Stored entries:
--- START ---
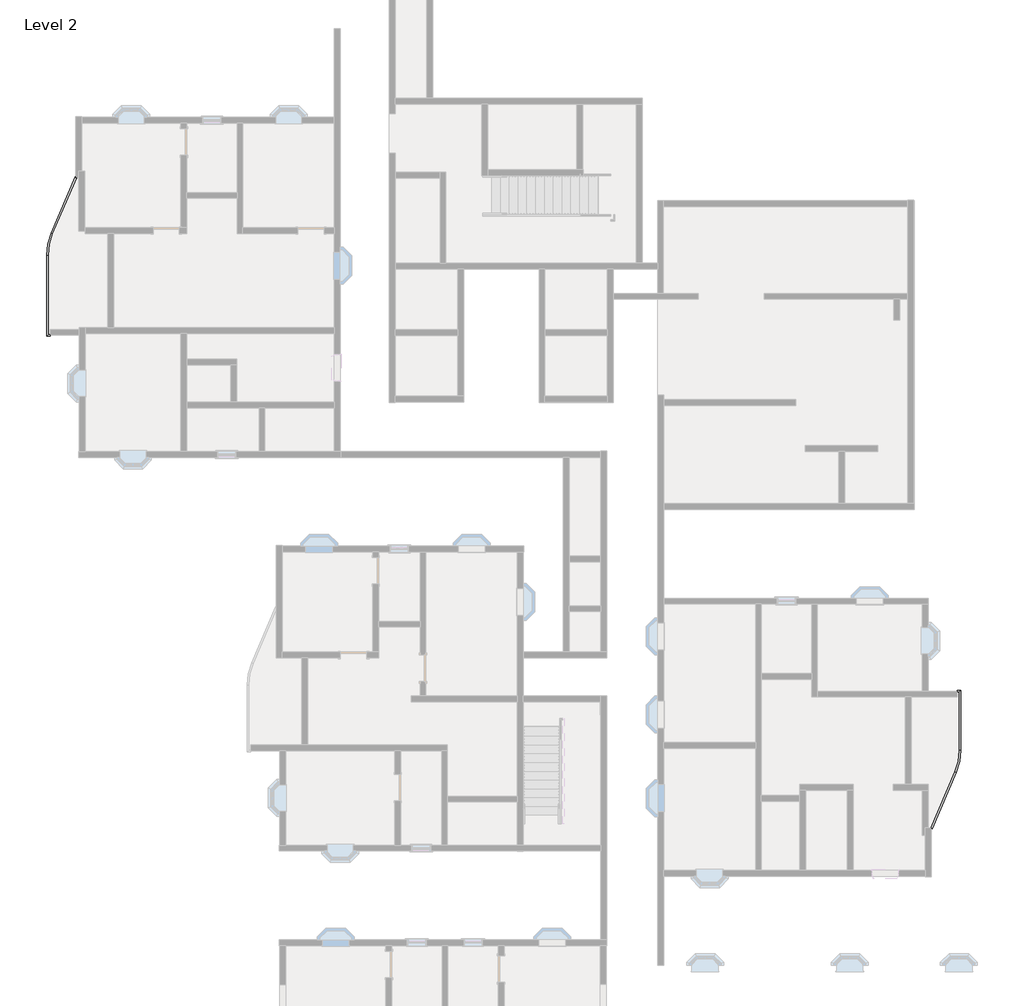
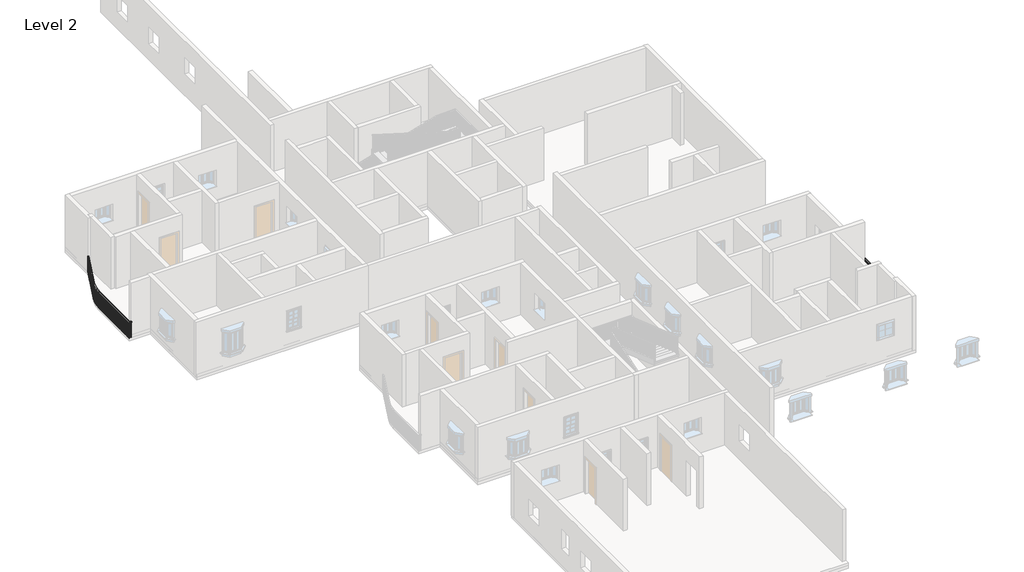
# One storey, part 9 of 14: 2 railings.
"""IFC4 building model written with IfcOpenShell, lengths in millimetres."""

from ifc_helpers import new_model, si_unit, frame, origin, place, context, project, spatial, polyline, circle_curve, outline, extrude, element, save
from ifc_brep_helpers import plane_surface, cylinder_surface, revolved_surface, advanced_brep

model = new_model("IFC4")

# Units and contexts
model_context = context("Model", 3, world=origin())
ifc_project = project(units=[si_unit("LENGTHUNIT", "METRE", prefix="MILLI")], contexts=[model_context])

# Site, building, storey
site = spatial("IfcSite", under=ifc_project)
building = spatial("IfcBuilding", under=site)
storey = spatial("IfcBuildingStorey", under=building, Name="Level 2", Elevation=3048.0)

# Railings
placement = place(None, origin())
element("IfcRailing", 1, ObjectType="Handrail - Rectangular", at=placement, inside=storey, context=model_context, shape_type="SolidModel", body=[
    advanced_brep(
    [(-19327.739878, 12446.0257339, 3962.4), (-19327.739878, 12446.0257339, 3911.6), (-19374.4383922, 12466.022953, 3911.6), (-19374.4383922, 12466.022953, 3962.4), (-20162.483418, 10496.6905323, 3962.4), (-20162.483418, 10496.6905323, 3911.6), (-20209.1819322, 10516.6877514, 3911.6), (-20209.1819322, 10516.6877514, 3962.4), (-20316.2891351, 9746.7948172, 3911.6), (-20316.2891351, 9746.7948172, 3962.4), (-20367.0891351, 9746.7948172, 3911.6), (-20367.0891351, 9746.7948172, 3962.4), (-20316.2891351, 7005.2583494, 3962.4), (-20316.2891351, 7005.2583494, 3911.6), (-20367.0891351, 6954.4583494, 3911.6), (-20367.0891351, 6954.4583494, 3962.4), (-20240.0891351, 7005.2583494, 3962.4), (-20240.0891351, 6954.4583494, 3962.4), (-20240.0891351, 6954.4583494, 3911.6), (-20240.0891351, 7005.2583494, 3911.6)],
    [
        (0, 1),
        (1, 2),
        (2, 3),
        (3, 0),
        (0, 4),
        (4, 5),
        (5, 1),
        (5, 6),
        (6, 2),
        (6, 7),
        (7, 3),
        (7, 4),
        (8, 5, circle_curve(frame((-18411.2891351, 9746.7948172, 3911.6), z_axis=(0.0, 0.0, -1.0), x_axis=(-0.9192620907623915, 0.3936460446735831, 0.0)), 1905.0)),
        (4, 9, circle_curve(frame((-18411.2891351, 9746.7948172, 3962.4), z_axis=(0.0, 0.0, 1.0), x_axis=(-0.9192620907623915, 0.3936460446735831, 0.0)), 1905.0)),
        (9, 8),
        (10, 6, circle_curve(frame((-18411.2891351, 9746.7948172, 3911.6), z_axis=(0.0, 0.0, -1.0), x_axis=(-0.9192620907623915, 0.3936460446735831, 0.0)), 1955.8)),
        (8, 10),
        (11, 7, circle_curve(frame((-18411.2891351, 9746.7948172, 3962.4), z_axis=(0.0, 0.0, -1.0), x_axis=(-0.9192620907623915, 0.3936460446735831, 0.0)), 1955.8)),
        (10, 11),
        (11, 9),
        (9, 12),
        (12, 13),
        (13, 8),
        (13, 14),
        (14, 10),
        (14, 15),
        (15, 11),
        (15, 12),
        (16, 17),
        (17, 18),
        (18, 19),
        (19, 16),
        (12, 16),
        (19, 13),
        (18, 14),
        (17, 15),
    ],
    [
        plane_surface(frame((-19351.0891351, 12456.0243434, 3962.4), z_axis=(0.3936460446735829, 0.9192620907623917, 0.0), x_axis=(0.9192620907623917, -0.3936460446735829, 0.0))),
        plane_surface(frame((-19327.739878, 12446.0257339, 3962.4), z_axis=(0.9192620907623913, -0.3936460446735837, 0.0), x_axis=(-0.3936460446735837, -0.9192620907623913, 0.0))),
        plane_surface(frame((-19327.739878, 12446.0257339, 3911.6), z_axis=(0.0, 0.0, -1.0), x_axis=(-0.3936460446735837, -0.9192620907623913, 0.0))),
        plane_surface(frame((-19374.4383922, 12466.022953, 3911.6), z_axis=(-0.9192620907623915, 0.3936460446735834, 0.0), x_axis=(-0.3936460446735834, -0.9192620907623915, 0.0))),
        plane_surface(frame((-19374.4383922, 12466.022953, 3962.4), z_axis=(0.0, 0.0, 1.0000000000000002), x_axis=(-0.3936460446735834, -0.9192620907623915, 0.0))),
        revolved_surface(polyline([(-20162.483418002357, 10496.690532303175, 3962.4), (-20162.483418002357, 10496.690532303175, 3911.6)]), (-18411.2891351, 9746.7948172, 3962.4), (0.0, 0.0, 1.0)),
        plane_surface(frame((-18411.2891351, 9746.7948172, 3911.6), z_axis=(0.0, 0.0, -1.0000000000000002), x_axis=(-0.9192620907623916, 0.39364604467358316, 0.0))),
        cylinder_surface(frame((-18411.2891351, 9746.7948172, 3962.4), z_axis=(0.0, 0.0, 1.0), x_axis=(-0.9192620907623915, 0.3936460446735831, 0.0)), 1955.8),
        plane_surface(frame((-18411.2891351, 9746.7948172, 3962.4), z_axis=(0.0, 0.0, 1.0000000000000002), x_axis=(-0.9192620907623916, 0.39364604467358316, 0.0))),
        plane_surface(frame((-20316.2891351, 9746.7948172, 3962.4), z_axis=(1.0, 0.0, 0.0), x_axis=(0.0, -1.0, 0.0))),
        plane_surface(frame((-20316.2891351, 9746.7948172, 3911.6), z_axis=(0.0, 0.0, -1.0), x_axis=(0.0, -1.0, 0.0))),
        plane_surface(frame((-20367.0891351, 9746.7948172, 3911.6), z_axis=(-1.0, 0.0, 0.0), x_axis=(0.0, -1.0, 0.0))),
        plane_surface(frame((-20367.0891351, 9746.7948172, 3962.4), z_axis=(0.0, 0.0, 1.0), x_axis=(0.0, -1.0, 0.0))),
        plane_surface(frame((-20240.0891351, 6979.8583494, 3962.4), z_axis=(1.0, 0.0, 0.0), x_axis=(0.0, 1.0, 0.0))),
        plane_surface(frame((-20316.2891351, 7005.2583494, 3962.4), z_axis=(0.0, 1.0, 0.0), x_axis=(1.0, 0.0, 0.0))),
        plane_surface(frame((-20316.2891351, 7005.2583494, 3911.6), z_axis=(0.0, 0.0, -1.0), x_axis=(1.0, 0.0, 0.0))),
        plane_surface(frame((-20367.0891351, 6954.4583494, 3911.6), z_axis=(0.0, -1.0, 0.0), x_axis=(1.0, 0.0, 0.0))),
        plane_surface(frame((-20367.0891351, 6954.4583494, 3962.4), z_axis=(0.0, 0.0, 1.0), x_axis=(1.0, 0.0, 0.0))),
    ],
    [
        (0, [[1, 2, 3, 4]]),
        (1, [[-1, 5, 6, 7]]),
        (2, [[-2, -7, 8, 9]]),
        (3, [[-3, -9, 10, 11]]),
        (4, [[-4, -11, 12, -5]]),
        (5, [[13, -6, 14, 15]]),
        (6, [[16, -8, -13, 17]]),
        (7, [[18, -10, -16, 19]]),
        (8, [[-14, -12, -18, 20]]),
        (9, [[-15, 21, 22, 23]]),
        (10, [[-17, -23, 24, 25]]),
        (11, [[-19, -25, 26, 27]]),
        (12, [[-20, -27, 28, -21]]),
        (13, [[29, 30, 31, 32]]),
        (14, [[-22, 33, -32, 34]]),
        (15, [[-24, -34, -31, 35]]),
        (16, [[-26, -35, -30, 36]]),
        (17, [[-28, -36, -29, -33]]),
    ],
),
    extrude(outline(polyline([(-20351.2141351, 7013.1198172), (-20332.1641351, 7013.1198172), (-20332.1641351, 6994.0698172), (-20351.2141351, 6994.0698172), (-20351.2141351, 7013.1198172)])), frame((0.0, 0.0, 3048.0), z_axis=(0.0, 0.0, 1.0), x_axis=(1.0, 0.0, 0.0)), (0.0, 0.0, 1.0), 863.6),
    extrude(outline(polyline([(-20351.2141351, 7114.7198172), (-20332.1641351, 7114.7198172), (-20332.1641351, 7095.6698172), (-20351.2141351, 7095.6698172), (-20351.2141351, 7114.7198172)])), frame((0.0, 0.0, 3048.0), z_axis=(0.0, 0.0, 1.0), x_axis=(1.0, 0.0, 0.0)), (0.0, 0.0, 1.0), 863.6),
    extrude(outline(polyline([(-20351.2141351, 7216.3198172), (-20332.1641351, 7216.3198172), (-20332.1641351, 7197.2698172), (-20351.2141351, 7197.2698172), (-20351.2141351, 7216.3198172)])), frame((0.0, 0.0, 3048.0), z_axis=(0.0, 0.0, 1.0), x_axis=(1.0, 0.0, 0.0)), (0.0, 0.0, 1.0), 863.6),
    extrude(outline(polyline([(-20351.2141351, 7317.9198172), (-20332.1641351, 7317.9198172), (-20332.1641351, 7298.8698172), (-20351.2141351, 7298.8698172), (-20351.2141351, 7317.9198172)])), frame((0.0, 0.0, 3048.0), z_axis=(0.0, 0.0, 1.0), x_axis=(1.0, 0.0, 0.0)), (0.0, 0.0, 1.0), 863.6),
    extrude(outline(polyline([(-20351.2141351, 7419.5198172), (-20332.1641351, 7419.5198172), (-20332.1641351, 7400.4698172), (-20351.2141351, 7400.4698172), (-20351.2141351, 7419.5198172)])), frame((0.0, 0.0, 3048.0), z_axis=(0.0, 0.0, 1.0), x_axis=(1.0, 0.0, 0.0)), (0.0, 0.0, 1.0), 863.6),
    extrude(outline(polyline([(-20351.2141351, 7521.1198172), (-20332.1641351, 7521.1198172), (-20332.1641351, 7502.0698172), (-20351.2141351, 7502.0698172), (-20351.2141351, 7521.1198172)])), frame((0.0, 0.0, 3048.0), z_axis=(0.0, 0.0, 1.0), x_axis=(1.0, 0.0, 0.0)), (0.0, 0.0, 1.0), 863.6),
    extrude(outline(polyline([(-20351.2141351, 7622.7198172), (-20332.1641351, 7622.7198172), (-20332.1641351, 7603.6698172), (-20351.2141351, 7603.6698172), (-20351.2141351, 7622.7198172)])), frame((0.0, 0.0, 3048.0), z_axis=(0.0, 0.0, 1.0), x_axis=(1.0, 0.0, 0.0)), (0.0, 0.0, 1.0), 863.6),
    extrude(outline(polyline([(-20351.2141351, 7724.3198172), (-20332.1641351, 7724.3198172), (-20332.1641351, 7705.2698172), (-20351.2141351, 7705.2698172), (-20351.2141351, 7724.3198172)])), frame((0.0, 0.0, 3048.0), z_axis=(0.0, 0.0, 1.0), x_axis=(1.0, 0.0, 0.0)), (0.0, 0.0, 1.0), 863.6),
    extrude(outline(polyline([(-20351.2141351, 7825.9198172), (-20332.1641351, 7825.9198172), (-20332.1641351, 7806.8698172), (-20351.2141351, 7806.8698172), (-20351.2141351, 7825.9198172)])), frame((0.0, 0.0, 3048.0), z_axis=(0.0, 0.0, 1.0), x_axis=(1.0, 0.0, 0.0)), (0.0, 0.0, 1.0), 863.6),
    extrude(outline(polyline([(-20351.2141351, 7927.5198172), (-20332.1641351, 7927.5198172), (-20332.1641351, 7908.4698172), (-20351.2141351, 7908.4698172), (-20351.2141351, 7927.5198172)])), frame((0.0, 0.0, 3048.0), z_axis=(0.0, 0.0, 1.0), x_axis=(1.0, 0.0, 0.0)), (0.0, 0.0, 1.0), 863.6),
    extrude(outline(polyline([(-20351.2141351, 8029.1198172), (-20332.1641351, 8029.1198172), (-20332.1641351, 8010.0698172), (-20351.2141351, 8010.0698172), (-20351.2141351, 8029.1198172)])), frame((0.0, 0.0, 3048.0), z_axis=(0.0, 0.0, 1.0), x_axis=(1.0, 0.0, 0.0)), (0.0, 0.0, 1.0), 863.6),
    extrude(outline(polyline([(-20351.2141351, 8130.7198172), (-20332.1641351, 8130.7198172), (-20332.1641351, 8111.6698172), (-20351.2141351, 8111.6698172), (-20351.2141351, 8130.7198172)])), frame((0.0, 0.0, 3048.0), z_axis=(0.0, 0.0, 1.0), x_axis=(1.0, 0.0, 0.0)), (0.0, 0.0, 1.0), 863.6),
    extrude(outline(polyline([(-20351.2141351, 8232.3198172), (-20332.1641351, 8232.3198172), (-20332.1641351, 8213.2698172), (-20351.2141351, 8213.2698172), (-20351.2141351, 8232.3198172)])), frame((0.0, 0.0, 3048.0), z_axis=(0.0, 0.0, 1.0), x_axis=(1.0, 0.0, 0.0)), (0.0, 0.0, 1.0), 863.6),
    extrude(outline(polyline([(-20351.2141351, 8333.9198172), (-20332.1641351, 8333.9198172), (-20332.1641351, 8314.8698172), (-20351.2141351, 8314.8698172), (-20351.2141351, 8333.9198172)])), frame((0.0, 0.0, 3048.0), z_axis=(0.0, 0.0, 1.0), x_axis=(1.0, 0.0, 0.0)), (0.0, 0.0, 1.0), 863.6),
    extrude(outline(polyline([(-20351.2141351, 8435.5198172), (-20332.1641351, 8435.5198172), (-20332.1641351, 8416.4698172), (-20351.2141351, 8416.4698172), (-20351.2141351, 8435.5198172)])), frame((0.0, 0.0, 3048.0), z_axis=(0.0, 0.0, 1.0), x_axis=(1.0, 0.0, 0.0)), (0.0, 0.0, 1.0), 863.6),
    extrude(outline(polyline([(-20351.2141351, 8537.1198172), (-20332.1641351, 8537.1198172), (-20332.1641351, 8518.0698172), (-20351.2141351, 8518.0698172), (-20351.2141351, 8537.1198172)])), frame((0.0, 0.0, 3048.0), z_axis=(0.0, 0.0, 1.0), x_axis=(1.0, 0.0, 0.0)), (0.0, 0.0, 1.0), 863.6),
    extrude(outline(polyline([(-20351.2141351, 8638.7198172), (-20332.1641351, 8638.7198172), (-20332.1641351, 8619.6698172), (-20351.2141351, 8619.6698172), (-20351.2141351, 8638.7198172)])), frame((0.0, 0.0, 3048.0), z_axis=(0.0, 0.0, 1.0), x_axis=(1.0, 0.0, 0.0)), (0.0, 0.0, 1.0), 863.6),
    extrude(outline(polyline([(-20351.2141351, 8740.3198172), (-20332.1641351, 8740.3198172), (-20332.1641351, 8721.2698172), (-20351.2141351, 8721.2698172), (-20351.2141351, 8740.3198172)])), frame((0.0, 0.0, 3048.0), z_axis=(0.0, 0.0, 1.0), x_axis=(1.0, 0.0, 0.0)), (0.0, 0.0, 1.0), 863.6),
    extrude(outline(polyline([(-20351.2141351, 8841.9198172), (-20332.1641351, 8841.9198172), (-20332.1641351, 8822.8698172), (-20351.2141351, 8822.8698172), (-20351.2141351, 8841.9198172)])), frame((0.0, 0.0, 3048.0), z_axis=(0.0, 0.0, 1.0), x_axis=(1.0, 0.0, 0.0)), (0.0, 0.0, 1.0), 863.6),
    extrude(outline(polyline([(-20351.2141351, 8943.5198172), (-20332.1641351, 8943.5198172), (-20332.1641351, 8924.4698172), (-20351.2141351, 8924.4698172), (-20351.2141351, 8943.5198172)])), frame((0.0, 0.0, 3048.0), z_axis=(0.0, 0.0, 1.0), x_axis=(1.0, 0.0, 0.0)), (0.0, 0.0, 1.0), 863.6),
    extrude(outline(polyline([(-20351.2141351, 9045.1198172), (-20332.1641351, 9045.1198172), (-20332.1641351, 9026.0698172), (-20351.2141351, 9026.0698172), (-20351.2141351, 9045.1198172)])), frame((0.0, 0.0, 3048.0), z_axis=(0.0, 0.0, 1.0), x_axis=(1.0, 0.0, 0.0)), (0.0, 0.0, 1.0), 863.6),
    extrude(outline(polyline([(-20351.2141351, 9146.7198172), (-20332.1641351, 9146.7198172), (-20332.1641351, 9127.6698172), (-20351.2141351, 9127.6698172), (-20351.2141351, 9146.7198172)])), frame((0.0, 0.0, 3048.0), z_axis=(0.0, 0.0, 1.0), x_axis=(1.0, 0.0, 0.0)), (0.0, 0.0, 1.0), 863.6),
    extrude(outline(polyline([(-20351.2141351, 9248.3198172), (-20332.1641351, 9248.3198172), (-20332.1641351, 9229.2698172), (-20351.2141351, 9229.2698172), (-20351.2141351, 9248.3198172)])), frame((0.0, 0.0, 3048.0), z_axis=(0.0, 0.0, 1.0), x_axis=(1.0, 0.0, 0.0)), (0.0, 0.0, 1.0), 863.6),
    extrude(outline(polyline([(-20351.2141351, 9349.9198172), (-20332.1641351, 9349.9198172), (-20332.1641351, 9330.8698172), (-20351.2141351, 9330.8698172), (-20351.2141351, 9349.9198172)])), frame((0.0, 0.0, 3048.0), z_axis=(0.0, 0.0, 1.0), x_axis=(1.0, 0.0, 0.0)), (0.0, 0.0, 1.0), 863.6),
    extrude(outline(polyline([(-20351.2141351, 9451.5198172), (-20332.1641351, 9451.5198172), (-20332.1641351, 9432.4698172), (-20351.2141351, 9432.4698172), (-20351.2141351, 9451.5198172)])), frame((0.0, 0.0, 3048.0), z_axis=(0.0, 0.0, 1.0), x_axis=(1.0, 0.0, 0.0)), (0.0, 0.0, 1.0), 863.6),
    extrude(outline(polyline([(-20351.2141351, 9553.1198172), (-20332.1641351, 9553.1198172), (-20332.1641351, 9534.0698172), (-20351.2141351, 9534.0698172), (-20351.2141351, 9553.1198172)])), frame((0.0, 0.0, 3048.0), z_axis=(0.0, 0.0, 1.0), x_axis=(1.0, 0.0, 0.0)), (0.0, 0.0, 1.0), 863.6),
--- END ---
EXERCISE DETAILS:
Copy out, from the data above, every line holding the word "contexts".

EXERCISE OUTPUT:
# Units and contexts
ifc_project = project(units=[si_unit("LENGTHUNIT", "METRE", prefix="MILLI")], contexts=[model_context])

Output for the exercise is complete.